» Assigned task:
The lines below that include the word "under" are to be reported.
(Given records begins)
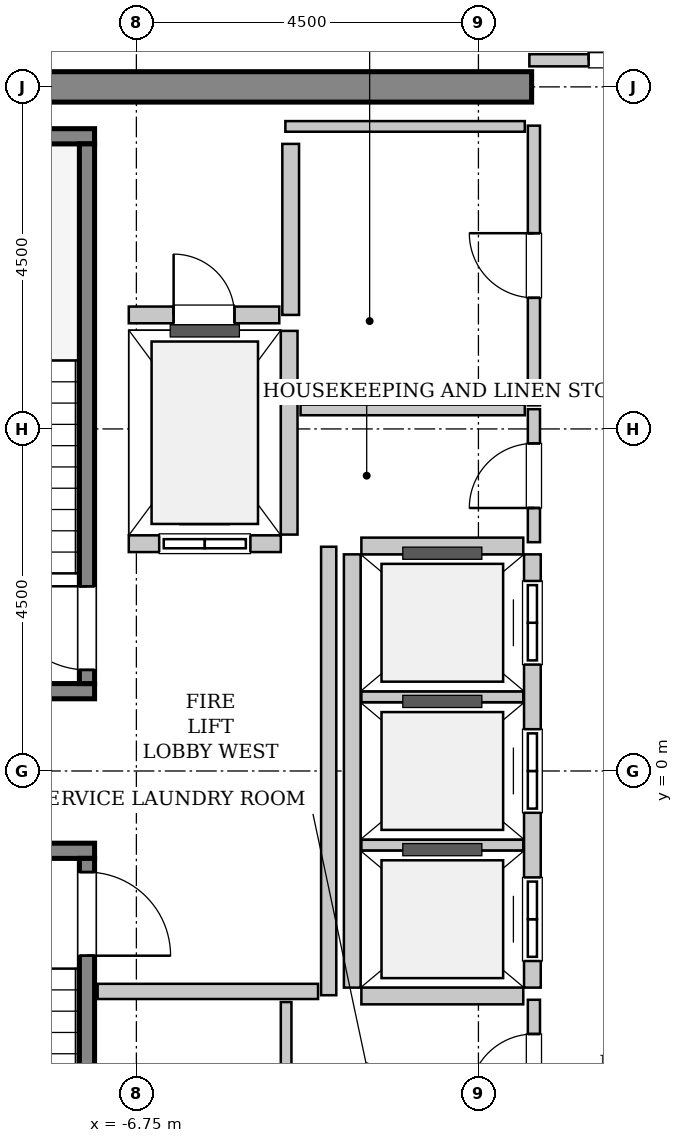
"""IFC4 building model, lengths in metres.
Left out: names, types, materials, properties, quantities, classifications, styles, units other than length and angle.
Written with IfcOpenShell. Run it as: python <this file> out.ifc"""

import sys

from ifc_helpers import new_model, si_unit, direction, frame, frame_2d, origin, place, context, subcontext, project, spatial, rectangle, extrude, source, transform, mapped, element, fill, save


model = new_model("IFC4")
c1 = context("Model", 3, precision=1e-05, world=origin(), true_north=direction((0.0, 1.0)))
c2 = subcontext(c1, "Body", "Model", "MODEL_VIEW")
j1 = project(units=[si_unit("LENGTHUNIT", "METRE"), si_unit("PLANEANGLEUNIT", "RADIAN")], contexts=[c1])
p1 = place(None, origin())
s1 = spatial("IfcSite", under=j1, at=p1, CompositionType="ELEMENT")
p2 = place(p1, origin())
s2 = spatial("IfcBuilding", under=s1, at=p2, CompositionType="ELEMENT")
p3 = place(p2, frame((0.0, 0.0, 333.8)))
s3 = spatial("IfcBuildingStorey", under=s2, at=p3, CompositionType="ELEMENT", Elevation=333.8)
m1 = source(origin(), c2, "Body", "SweptSolid", [
    extrude(rectangle(XDim=9.9, YDim=0.4, at=frame_2d((4.95, 0.0))), origin(), (0.0, 0.0, 1.0), 3.8),
])
p4 = place(p3, frame((-11.45, 9.0, 0.0), z_axis=(0.0, 0.0, 1.0), x_axis=(1.0, 0.0, 0.0)))
e1 = element("IfcWall", 1, at=p4, inside=s3, PredefinedType="SHEAR", context=c2, shape_type="MappedRepresentation", body=[
    mapped(m1, transform((0.0, 0.0, 0.0), x_axis=(1.0, 0.0, 0.0), y_axis=(0.0, 1.0, 0.0), z_axis=(0.0, 0.0, 1.0), scale=1.0)),
])
m2 = source(origin(), c2, "Body", "SweptSolid", [
    extrude(rectangle(XDim=3.4, YDim=0.2, at=frame_2d((1.7, 0.0))), origin(), (0.0, 0.0, 1.0), 3.8),
])
p5 = place(p3, frame((-7.3, 1.05, 0.0), z_axis=(0.0, 0.0, 1.0), x_axis=(-1.0, 0.0, 0.0)))
e2 = element("IfcWall", 2, at=p5, inside=s3, PredefinedType="SOLIDWALL", context=c2, shape_type="MappedRepresentation", body=[
    mapped(m2, transform((0.0, 0.0, 0.0), x_axis=(1.0, 0.0, 0.0), y_axis=(0.0, 1.0, 0.0), z_axis=(0.0, 0.0, 1.0), scale=1.0)),
])
m3 = source(origin(), c2, "Body", "SweptSolid", [
    extrude(rectangle(XDim=3.755, YDim=0.2, at=frame_2d((1.877, 0.0))), origin(), (0.0, 0.0, 1.0), 3.8),
])
p6 = place(p3, frame((-7.3, 8.35, 0.0), z_axis=(0.0, 0.0, 1.0), x_axis=(-1.0, 0.0, 0.0)))
e3 = element("IfcWall", 3, at=p6, inside=s3, PredefinedType="SOLIDWALL", context=c2, shape_type="MappedRepresentation", body=[
    mapped(m3, transform((0.0, 0.0, 0.0), x_axis=(1.0, 0.0, 0.0), y_axis=(0.0, 1.0, 0.0), z_axis=(0.0, 0.0, 1.0), scale=1.0)),
])
m4 = source(origin(), c2, "Body", "SweptSolid", [
    extrude(rectangle(XDim=7.1, YDim=0.2, at=frame_2d((3.55, 0.0))), origin(), (0.0, 0.0, 1.0), 3.8),
])
p7 = place(p3, frame((-7.4, 1.15, 0.0), z_axis=(0.0, 0.0, 1.0), x_axis=(0.0, 1.0, 0.0)))
e4 = element("IfcWall", 4, at=p7, inside=s3, PredefinedType="SOLIDWALL", context=c2, shape_type="MappedRepresentation", body=[
    mapped(m4, transform((0.0, 0.0, 0.0), x_axis=(1.0, 0.0, 0.0), y_axis=(0.0, 1.0, 0.0), z_axis=(0.0, 0.0, 1.0), scale=1.0)),
])
p8 = place(p7, frame((0.18, 0.0, 0.0)))
e5 = element("IfcOpeningElement", 5, at=p8, cuts=e4, PredefinedType="OPENING", context=c2, shape_type="SweptSolid", body=[
    extrude(rectangle(XDim=1.1, YDim=2.15, at=frame_2d((0.55, 1.075))), frame((0.0, 0.11, 0.0), z_axis=(0.0, -1.0, 0.0), x_axis=(1.0, 0.0, 0.0)), (0.0, 0.0, 1.0), 0.22),
])
p9 = place(p3, frame((-10.7, -1.05, 0.0), z_axis=(0.0, 0.0, 1.0), x_axis=(1.0, 0.0, 0.0)))
e6 = element("IfcWall", 6, at=p9, inside=s3, PredefinedType="SOLIDWALL", context=c2, shape_type="MappedRepresentation", body=[
    mapped(m2, transform((0.0, 0.0, 0.0), x_axis=(1.0, 0.0, 0.0), y_axis=(0.0, 1.0, 0.0), z_axis=(0.0, 0.0, 1.0), scale=1.0)),
])
p10 = place(p3, frame((-7.4, -1.15, 0.0), z_axis=(0.0, 0.0, 1.0), x_axis=(0.0, -1.0, 0.0)))
e7 = element("IfcWall", 7, at=p10, inside=s3, PredefinedType="SOLIDWALL", context=c2, shape_type="MappedRepresentation", body=[
    mapped(m4, transform((0.0, 0.0, 0.0), x_axis=(1.0, 0.0, 0.0), y_axis=(0.0, 1.0, 0.0), z_axis=(0.0, 0.0, 1.0), scale=1.0)),
])
p11 = place(p10, frame((0.18, 0.0, 0.0)))
e8 = element("IfcOpeningElement", 8, at=p11, cuts=e7, PredefinedType="OPENING", context=c2, shape_type="SweptSolid", body=[
    extrude(rectangle(XDim=1.1, YDim=2.15, at=frame_2d((0.55, 1.075))), frame((0.0, 0.11, 0.0), z_axis=(0.0, -1.0, 0.0), x_axis=(1.0, 0.0, 0.0)), (0.0, 0.0, 1.0), 0.22),
])
m5 = source(origin(), c2, "Body", "SweptSolid", [
    extrude(rectangle(XDim=2.0, YDim=0.22, at=frame_2d((1.0, 0.0))), origin(), (0.0, 0.0, 1.0), 3.535),
])
p12 = place(p3, frame((-6.85, 2.99, 0.0), z_axis=(0.0, 0.0, 1.0), x_axis=(1.0, 0.0, 0.0)))
e9 = element("IfcWall", 9, at=p12, inside=s3, PredefinedType="SOLIDWALL", context=c2, shape_type="MappedRepresentation", body=[
    mapped(m5, transform((0.0, 0.0, 0.0), x_axis=(1.0, 0.0, 0.0), y_axis=(0.0, 1.0, 0.0), z_axis=(0.0, 0.0, 1.0), scale=1.0)),
])
p13 = place(p12, frame((0.4, 0.0, 0.0)))
e10 = element("IfcOpeningElement", 10, at=p13, cuts=e9, PredefinedType="OPENING", context=c2, shape_type="SweptSolid", body=[
    extrude(rectangle(XDim=1.2, YDim=2.2, at=frame_2d((0.6, 1.1))), frame((0.0, 0.12, 0.0), z_axis=(0.0, -1.0, 0.0), x_axis=(1.0, 0.0, 0.0)), (0.0, 0.0, 1.0), 0.24),
])
m6 = source(origin(), c2, "Body", "SweptSolid", [
    extrude(rectangle(XDim=2.68, YDim=0.22, at=frame_2d((1.34, 0.0))), origin(), (0.0, 0.0, 1.0), 3.535),
])
p14 = place(p3, frame((-4.74, 3.11, 0.0), z_axis=(0.0, 0.0, 1.0), x_axis=(0.0, 1.0, 0.0)))
e11 = element("IfcWall", 11, at=p14, inside=s3, PredefinedType="SOLIDWALL", context=c2, shape_type="MappedRepresentation", body=[
    mapped(m6, transform((0.0, 0.0, 0.0), x_axis=(1.0, 0.0, 0.0), y_axis=(0.0, 1.0, 0.0), z_axis=(0.0, 0.0, 1.0), scale=1.0)),
])
m7 = source(origin(), c2, "Body", "SweptSolid", [
    extrude(rectangle(XDim=5.7, YDim=0.22, at=frame_2d((2.85, 0.0))), origin(), (0.0, 0.0, 1.0), 3.535),
])
p15 = place(p3, frame((-1.54, -2.85, 0.0), z_axis=(0.0, 0.0, 1.0), x_axis=(0.0, 1.0, 0.0)))
e12 = element("IfcWall", 12, at=p15, inside=s3, PredefinedType="SOLIDWALL", context=c2, shape_type="MappedRepresentation", body=[
    mapped(m7, transform((0.0, 0.0, 0.0), x_axis=(1.0, 0.0, 0.0), y_axis=(0.0, 1.0, 0.0), z_axis=(0.0, 0.0, 1.0), scale=1.0)),
])
p16 = place(p15, frame((0.35, 0.0, 0.0)))
e13 = element("IfcOpeningElement", 13, at=p16, cuts=e12, PredefinedType="OPENING", context=c2, shape_type="SweptSolid", body=[
    extrude(rectangle(XDim=1.1, YDim=2.2, at=frame_2d((0.55, 1.1))), frame((0.0, 0.12, 0.0), z_axis=(0.0, -1.0, 0.0), x_axis=(1.0, 0.0, 0.0)), (0.0, 0.0, 1.0), 0.24),
])
p17 = place(p15, frame((2.3, 0.0, 0.0)))
e14 = element("IfcOpeningElement", 14, at=p17, cuts=e12, PredefinedType="OPENING", context=c2, shape_type="SweptSolid", body=[
    extrude(rectangle(XDim=1.1, YDim=2.2, at=frame_2d((0.55, 1.1))), frame((0.0, 0.12, 0.0), z_axis=(0.0, -1.0, 0.0), x_axis=(1.0, 0.0, 0.0)), (0.0, 0.0, 1.0), 0.24),
])
p18 = place(p15, frame((4.25, 0.0, 0.0)))
e15 = element("IfcOpeningElement", 15, at=p18, cuts=e12, PredefinedType="OPENING", context=c2, shape_type="SweptSolid", body=[
    extrude(rectangle(XDim=1.1, YDim=2.2, at=frame_2d((0.55, 1.1))), frame((0.0, 0.12, 0.0), z_axis=(0.0, -1.0, 0.0), x_axis=(1.0, 0.0, 0.0)), (0.0, 0.0, 1.0), 0.24),
])
p19 = place(p3, frame((-3.91, 2.85, 0.0), z_axis=(0.0, 0.0, 1.0), x_axis=(0.0, -1.0, 0.0)))
e16 = element("IfcWall", 16, at=p19, inside=s3, PredefinedType="SOLIDWALL", context=c2, shape_type="MappedRepresentation", body=[
    mapped(m7, transform((0.0, 0.0, 0.0), x_axis=(1.0, 0.0, 0.0), y_axis=(0.0, 1.0, 0.0), z_axis=(0.0, 0.0, 1.0), scale=1.0)),
])
m8 = source(origin(), c2, "Body", "SweptSolid", [
    extrude(rectangle(XDim=2.13, YDim=0.22, at=frame_2d((1.065, 0.0))), origin(), (0.0, 0.0, 1.0), 3.535),
])
p20 = place(p3, frame((-3.79, -2.96, 0.0), z_axis=(0.0, 0.0, 1.0), x_axis=(1.0, 0.0, 0.0)))
e17 = element("IfcWall", 17, at=p20, inside=s3, PredefinedType="SOLIDWALL", context=c2, shape_type="MappedRepresentation", body=[
    mapped(m8, transform((0.0, 0.0, 0.0), x_axis=(1.0, 0.0, 0.0), y_axis=(0.0, 1.0, 0.0), z_axis=(0.0, 0.0, 1.0), scale=1.0)),
])
m9 = source(origin(), c2, "Body", "SweptSolid", [
    extrude(rectangle(XDim=2.13, YDim=0.14, at=frame_2d((1.065, 0.0))), origin(), (0.0, 0.0, 1.0), 3.535),
])
for number, where, z_axis, x_axis in (
    (18, (-3.79, -0.975, 0.0), (0.0, 0.0, 1.0), (1.0, 0.0, 0.0)),
    (19, (-3.79, 0.975, 0.0), (0.0, 0.0, 1.0), (1.0, 0.0, 0.0)),
):
    element("IfcWall", number, at=place(p3, frame(where, z_axis=z_axis, x_axis=x_axis)), inside=s3, PredefinedType="PARTITIONING", context=c2, shape_type="MappedRepresentation", body=[
        mapped(m9, transform((0.0, 0.0, 0.0), x_axis=(1.0, 0.0, 0.0), y_axis=(0.0, 1.0, 0.0), z_axis=(0.0, 0.0, 1.0), scale=1.0)),
    ])
p21 = place(p3, frame((-1.66, 2.96, 0.0), z_axis=(0.0, 0.0, 1.0), x_axis=(-1.0, 0.0, 0.0)))
e20 = element("IfcWall", 20, at=p21, inside=s3, PredefinedType="SOLIDWALL", context=c2, shape_type="MappedRepresentation", body=[
    mapped(m8, transform((0.0, 0.0, 0.0), x_axis=(1.0, 0.0, 0.0), y_axis=(0.0, 1.0, 0.0), z_axis=(0.0, 0.0, 1.0), scale=1.0)),
])
m10 = source(origin(), c2, "Body", "SweptSolid", [
    extrude(rectangle(XDim=2.25, YDim=0.22, at=frame_2d((1.125, 0.0))), origin(), (0.0, 0.0, 1.0), 3.535),
])
p22 = place(p3, frame((-4.72, 6.0, 0.0), z_axis=(0.0, 0.0, 1.0), x_axis=(0.0, 1.0, 0.0)))
e21 = element("IfcWall", 21, at=p22, inside=s3, PredefinedType="SOLIDWALL", context=c2, shape_type="MappedRepresentation", body=[
    mapped(m10, transform((0.0, 0.0, 0.0), x_axis=(1.0, 0.0, 0.0), y_axis=(0.0, 1.0, 0.0), z_axis=(0.0, 0.0, 1.0), scale=1.0)),
])
m11 = source(origin(), c2, "Body", "SweptSolid", [
    extrude(rectangle(XDim=1.98, YDim=0.22, at=frame_2d((0.99, 0.0))), origin(), (0.0, 0.0, 1.0), 3.535),
])
p23 = place(p3, frame((-6.85, 6.0, 0.0), z_axis=(0.0, 0.0, 1.0), x_axis=(1.0, 0.0, 0.0)))
e22 = element("IfcWall", 22, at=p23, inside=s3, PredefinedType="SOLIDWALL", context=c2, shape_type="MappedRepresentation", body=[
    mapped(m11, transform((0.0, 0.0, 0.0), x_axis=(1.0, 0.0, 0.0), y_axis=(0.0, 1.0, 0.0), z_axis=(0.0, 0.0, 1.0), scale=1.0)),
])
p24 = place(p23, frame((0.59, 0.0, 0.0)))
e23 = element("IfcOpeningElement", 23, at=p24, cuts=e22, PredefinedType="OPENING", context=c2, shape_type="SweptSolid", body=[
    extrude(rectangle(XDim=0.8, YDim=2.0, at=frame_2d((0.4, 1.0))), frame((0.0, 0.12, 0.0), z_axis=(0.0, -1.0, 0.0), x_axis=(1.0, 0.0, 0.0)), (0.0, 0.0, 1.0), 0.24),
])
m12 = source(origin(), c2, "Body", "SweptSolid", [
    extrude(rectangle(XDim=5.9, YDim=0.2, at=frame_2d((2.95, 0.0))), origin(), (0.0, 0.0, 1.0), 3.535),
])
p25 = place(p3, frame((-4.22, -2.95, 0.0), z_axis=(0.0, 0.0, 1.0), x_axis=(0.0, 1.0, 0.0)))
e24 = element("IfcWall", 24, at=p25, inside=s3, PredefinedType="PARTITIONING", context=c2, shape_type="MappedRepresentation", body=[
    mapped(m12, transform((0.0, 0.0, 0.0), x_axis=(1.0, 0.0, 0.0), y_axis=(0.0, 1.0, 0.0), z_axis=(0.0, 0.0, 1.0), scale=1.0)),
])
m13 = source(origin(), c2, "Body", "SweptSolid", [
    extrude(rectangle(XDim=2.9, YDim=0.2, at=frame_2d((1.45, 0.0))), origin(), (0.0, 0.0, 1.0), 3.535),
])
p26 = place(p3, frame((-7.26, -2.9, 0.0), z_axis=(0.0, 0.0, 1.0), x_axis=(1.0, 0.0, 0.0)))
e25 = element("IfcWall", 25, at=p26, inside=s3, PredefinedType="PARTITIONING", context=c2, shape_type="MappedRepresentation", body=[
    mapped(m13, transform((0.0, 0.0, 0.0), x_axis=(1.0, 0.0, 0.0), y_axis=(0.0, 1.0, 0.0), z_axis=(0.0, 0.0, 1.0), scale=1.0)),
])
m14 = source(origin(), c2, "Body", "SweptSolid", [
    extrude(rectangle(XDim=3.16, YDim=0.16, at=frame_2d((1.58, 0.0))), origin(), (0.0, 0.0, 1.0), 2.625),
])
p27 = place(p3, frame((-1.58, 9.35, 0.0), z_axis=(0.0, 0.0, 1.0), x_axis=(1.0, 0.0, 0.0)))
e26 = element("IfcWall", 26, at=p27, inside=s3, PredefinedType="PARTITIONING", context=c2, shape_type="MappedRepresentation", body=[
    mapped(m14, transform((0.0, 0.0, 0.0), x_axis=(1.0, 0.0, 0.0), y_axis=(0.0, 1.0, 0.0), z_axis=(0.0, 0.0, 1.0), scale=1.0)),
])
p28 = place(p27, frame((0.78, 0.0, 0.0)))
e27 = element("IfcOpeningElement", 27, at=p28, cuts=e26, PredefinedType="OPENING", context=c2, shape_type="SweptSolid", body=[
    extrude(rectangle(XDim=1.6, YDim=2.3, at=frame_2d((0.8, 1.15))), frame((0.0, 0.09, 0.0), z_axis=(0.0, -1.0, 0.0), x_axis=(1.0, 0.0, 0.0)), (0.0, 0.0, 1.0), 0.18),
])
m15 = source(origin(), c2, "Body", "SweptSolid", [
    extrude(rectangle(XDim=1.75, YDim=0.16, at=frame_2d((0.875, 0.0))), origin(), (0.0, 0.0, 1.0), 3.535),
])
p29 = place(p3, frame((-1.52, 3.01, 0.0), z_axis=(0.0, 0.0, 1.0), x_axis=(0.0, 1.0, 0.0)))
e28 = element("IfcWall", 28, at=p29, inside=s3, PredefinedType="PARTITIONING", context=c2, shape_type="MappedRepresentation", body=[
    mapped(m15, transform((0.0, 0.0, 0.0), x_axis=(1.0, 0.0, 0.0), y_axis=(0.0, 1.0, 0.0), z_axis=(0.0, 0.0, 1.0), scale=1.0)),
])
p30 = place(p29, frame((0.45, 0.0, 0.0)))
e29 = element("IfcOpeningElement", 29, at=p30, cuts=e28, PredefinedType="OPENING", context=c2, shape_type="SweptSolid", body=[
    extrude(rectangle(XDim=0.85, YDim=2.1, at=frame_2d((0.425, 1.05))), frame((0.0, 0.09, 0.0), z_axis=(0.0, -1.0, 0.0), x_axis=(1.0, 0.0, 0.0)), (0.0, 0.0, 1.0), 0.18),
(Given records ends)
» Response to the task:
s1 = spatial("IfcSite", under=j1, at=p1, CompositionType="ELEMENT")
s2 = spatial("IfcBuilding", under=s1, at=p2, CompositionType="ELEMENT")
s3 = spatial("IfcBuildingStorey", under=s2, at=p3, CompositionType="ELEMENT", Elevation=333.8)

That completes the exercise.